● TASK DESCRIPTION
Only some lines are wanted. Transcribe, exactly, the lines below from the line with "# Altium PCB MISC89030.pcbdoc" up to and including the line with "BoardOutlineClearance copperThickness2oz_1 [All]".

───

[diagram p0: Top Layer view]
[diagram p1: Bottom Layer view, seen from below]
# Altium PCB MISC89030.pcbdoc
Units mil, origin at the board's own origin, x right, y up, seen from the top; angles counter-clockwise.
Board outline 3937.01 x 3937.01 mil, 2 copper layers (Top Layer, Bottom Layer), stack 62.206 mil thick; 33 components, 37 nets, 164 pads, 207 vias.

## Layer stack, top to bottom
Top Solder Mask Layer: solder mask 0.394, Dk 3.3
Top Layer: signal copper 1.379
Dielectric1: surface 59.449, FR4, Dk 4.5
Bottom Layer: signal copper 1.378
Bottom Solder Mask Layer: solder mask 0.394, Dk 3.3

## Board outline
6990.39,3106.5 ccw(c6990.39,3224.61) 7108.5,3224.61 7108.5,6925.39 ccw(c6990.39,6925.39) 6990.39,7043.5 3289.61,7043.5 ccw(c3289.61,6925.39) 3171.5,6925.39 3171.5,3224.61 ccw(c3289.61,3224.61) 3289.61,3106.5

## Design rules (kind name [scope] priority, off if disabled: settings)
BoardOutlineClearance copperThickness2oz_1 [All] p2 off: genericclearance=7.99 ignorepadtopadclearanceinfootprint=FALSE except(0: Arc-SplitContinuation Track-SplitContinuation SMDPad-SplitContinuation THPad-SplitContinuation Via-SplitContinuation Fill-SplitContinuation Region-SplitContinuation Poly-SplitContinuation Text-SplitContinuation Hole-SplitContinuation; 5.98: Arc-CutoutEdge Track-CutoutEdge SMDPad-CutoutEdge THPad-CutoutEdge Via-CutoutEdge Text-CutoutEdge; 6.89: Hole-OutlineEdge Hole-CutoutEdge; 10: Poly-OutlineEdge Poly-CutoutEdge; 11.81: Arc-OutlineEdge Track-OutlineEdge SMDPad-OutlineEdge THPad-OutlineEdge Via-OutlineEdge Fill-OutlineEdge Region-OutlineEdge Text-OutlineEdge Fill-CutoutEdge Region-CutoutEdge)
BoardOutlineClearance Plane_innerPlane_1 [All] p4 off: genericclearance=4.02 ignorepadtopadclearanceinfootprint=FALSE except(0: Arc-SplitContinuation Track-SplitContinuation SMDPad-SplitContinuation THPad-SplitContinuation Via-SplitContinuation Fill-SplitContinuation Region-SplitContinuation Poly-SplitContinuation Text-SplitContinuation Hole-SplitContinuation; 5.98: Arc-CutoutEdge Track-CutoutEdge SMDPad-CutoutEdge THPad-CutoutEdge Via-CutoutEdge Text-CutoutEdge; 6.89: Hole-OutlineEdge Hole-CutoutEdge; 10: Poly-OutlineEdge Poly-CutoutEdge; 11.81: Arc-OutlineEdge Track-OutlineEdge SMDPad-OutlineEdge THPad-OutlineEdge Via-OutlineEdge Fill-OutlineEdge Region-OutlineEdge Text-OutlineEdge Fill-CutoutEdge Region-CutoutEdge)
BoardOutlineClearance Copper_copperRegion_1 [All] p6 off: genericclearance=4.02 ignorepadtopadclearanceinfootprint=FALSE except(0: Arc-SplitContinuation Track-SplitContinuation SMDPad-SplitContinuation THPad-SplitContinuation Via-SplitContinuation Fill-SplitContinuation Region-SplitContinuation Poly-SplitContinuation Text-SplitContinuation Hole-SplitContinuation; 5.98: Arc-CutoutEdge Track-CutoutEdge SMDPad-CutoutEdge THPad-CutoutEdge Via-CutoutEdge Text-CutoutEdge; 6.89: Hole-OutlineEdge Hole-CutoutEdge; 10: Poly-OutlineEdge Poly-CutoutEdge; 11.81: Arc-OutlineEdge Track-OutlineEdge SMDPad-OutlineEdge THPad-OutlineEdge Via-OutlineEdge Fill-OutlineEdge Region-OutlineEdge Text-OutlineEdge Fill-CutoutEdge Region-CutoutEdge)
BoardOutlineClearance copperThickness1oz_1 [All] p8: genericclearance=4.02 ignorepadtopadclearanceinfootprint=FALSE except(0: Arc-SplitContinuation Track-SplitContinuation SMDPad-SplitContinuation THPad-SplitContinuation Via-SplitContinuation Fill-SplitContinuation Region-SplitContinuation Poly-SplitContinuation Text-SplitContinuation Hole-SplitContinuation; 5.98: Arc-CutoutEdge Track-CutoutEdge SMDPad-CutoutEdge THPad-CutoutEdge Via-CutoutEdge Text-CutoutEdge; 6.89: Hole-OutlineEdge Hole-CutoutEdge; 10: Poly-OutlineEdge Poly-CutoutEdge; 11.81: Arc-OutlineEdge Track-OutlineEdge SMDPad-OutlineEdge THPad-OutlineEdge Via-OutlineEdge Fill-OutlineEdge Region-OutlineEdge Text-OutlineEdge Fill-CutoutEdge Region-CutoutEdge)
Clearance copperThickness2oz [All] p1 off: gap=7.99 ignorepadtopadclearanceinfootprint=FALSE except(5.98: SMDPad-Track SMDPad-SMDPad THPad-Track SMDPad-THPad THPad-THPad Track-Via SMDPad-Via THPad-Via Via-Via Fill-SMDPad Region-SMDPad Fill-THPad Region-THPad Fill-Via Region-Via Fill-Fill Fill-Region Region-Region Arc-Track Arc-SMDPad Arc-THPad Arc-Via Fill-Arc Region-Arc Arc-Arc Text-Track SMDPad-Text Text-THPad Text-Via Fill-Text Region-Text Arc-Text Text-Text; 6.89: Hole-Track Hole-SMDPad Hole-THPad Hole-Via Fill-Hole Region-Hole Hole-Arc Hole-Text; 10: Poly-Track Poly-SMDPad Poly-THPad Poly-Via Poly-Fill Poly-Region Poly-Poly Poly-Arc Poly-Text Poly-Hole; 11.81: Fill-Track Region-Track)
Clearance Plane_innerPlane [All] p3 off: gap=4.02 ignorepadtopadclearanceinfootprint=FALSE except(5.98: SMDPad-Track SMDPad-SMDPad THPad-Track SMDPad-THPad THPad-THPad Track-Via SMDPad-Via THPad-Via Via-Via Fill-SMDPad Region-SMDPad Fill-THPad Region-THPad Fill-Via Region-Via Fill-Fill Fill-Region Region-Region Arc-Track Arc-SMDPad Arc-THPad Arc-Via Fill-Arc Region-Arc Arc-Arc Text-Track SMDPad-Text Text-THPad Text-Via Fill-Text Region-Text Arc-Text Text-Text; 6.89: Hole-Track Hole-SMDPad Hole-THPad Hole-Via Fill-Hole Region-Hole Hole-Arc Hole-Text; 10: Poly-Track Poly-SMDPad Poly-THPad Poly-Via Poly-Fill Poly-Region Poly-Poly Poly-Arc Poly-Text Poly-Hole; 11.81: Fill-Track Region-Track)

───

● RESULT FOR THIS TASK
# Altium PCB MISC89030.pcbdoc
Units mil, origin at the board's own origin, x right, y up, seen from the top; angles counter-clockwise.
Board outline 3937.01 x 3937.01 mil, 2 copper layers (Top Layer, Bottom Layer), stack 62.206 mil thick; 33 components, 37 nets, 164 pads, 207 vias.

## Layer stack, top to bottom
Top Solder Mask Layer: solder mask 0.394, Dk 3.3
Top Layer: signal copper 1.379
Dielectric1: surface 59.449, FR4, Dk 4.5
Bottom Layer: signal copper 1.378
Bottom Solder Mask Layer: solder mask 0.394, Dk 3.3

## Board outline
6990.39,3106.5 ccw(c6990.39,3224.61) 7108.5,3224.61 7108.5,6925.39 ccw(c6990.39,6925.39) 6990.39,7043.5 3289.61,7043.5 ccw(c3289.61,6925.39) 3171.5,6925.39 3171.5,3224.61 ccw(c3289.61,3224.61) 3289.61,3106.5

## Design rules (kind name [scope] priority, off if disabled: settings)
BoardOutlineClearance copperThickness2oz_1 [All] p2 off: genericclearance=7.99 ignorepadtopadclearanceinfootprint=FALSE except(0: Arc-SplitContinuation Track-SplitContinuation SMDPad-SplitContinuation THPad-SplitContinuation Via-SplitContinuation Fill-SplitContinuation Region-SplitContinuation Poly-SplitContinuation Text-SplitContinuation Hole-SplitContinuation; 5.98: Arc-CutoutEdge Track-CutoutEdge SMDPad-CutoutEdge THPad-CutoutEdge Via-CutoutEdge Text-CutoutEdge; 6.89: Hole-OutlineEdge Hole-CutoutEdge; 10: Poly-OutlineEdge Poly-CutoutEdge; 11.81: Arc-OutlineEdge Track-OutlineEdge SMDPad-OutlineEdge THPad-OutlineEdge Via-OutlineEdge Fill-OutlineEdge Region-OutlineEdge Text-OutlineEdge Fill-CutoutEdge Region-CutoutEdge)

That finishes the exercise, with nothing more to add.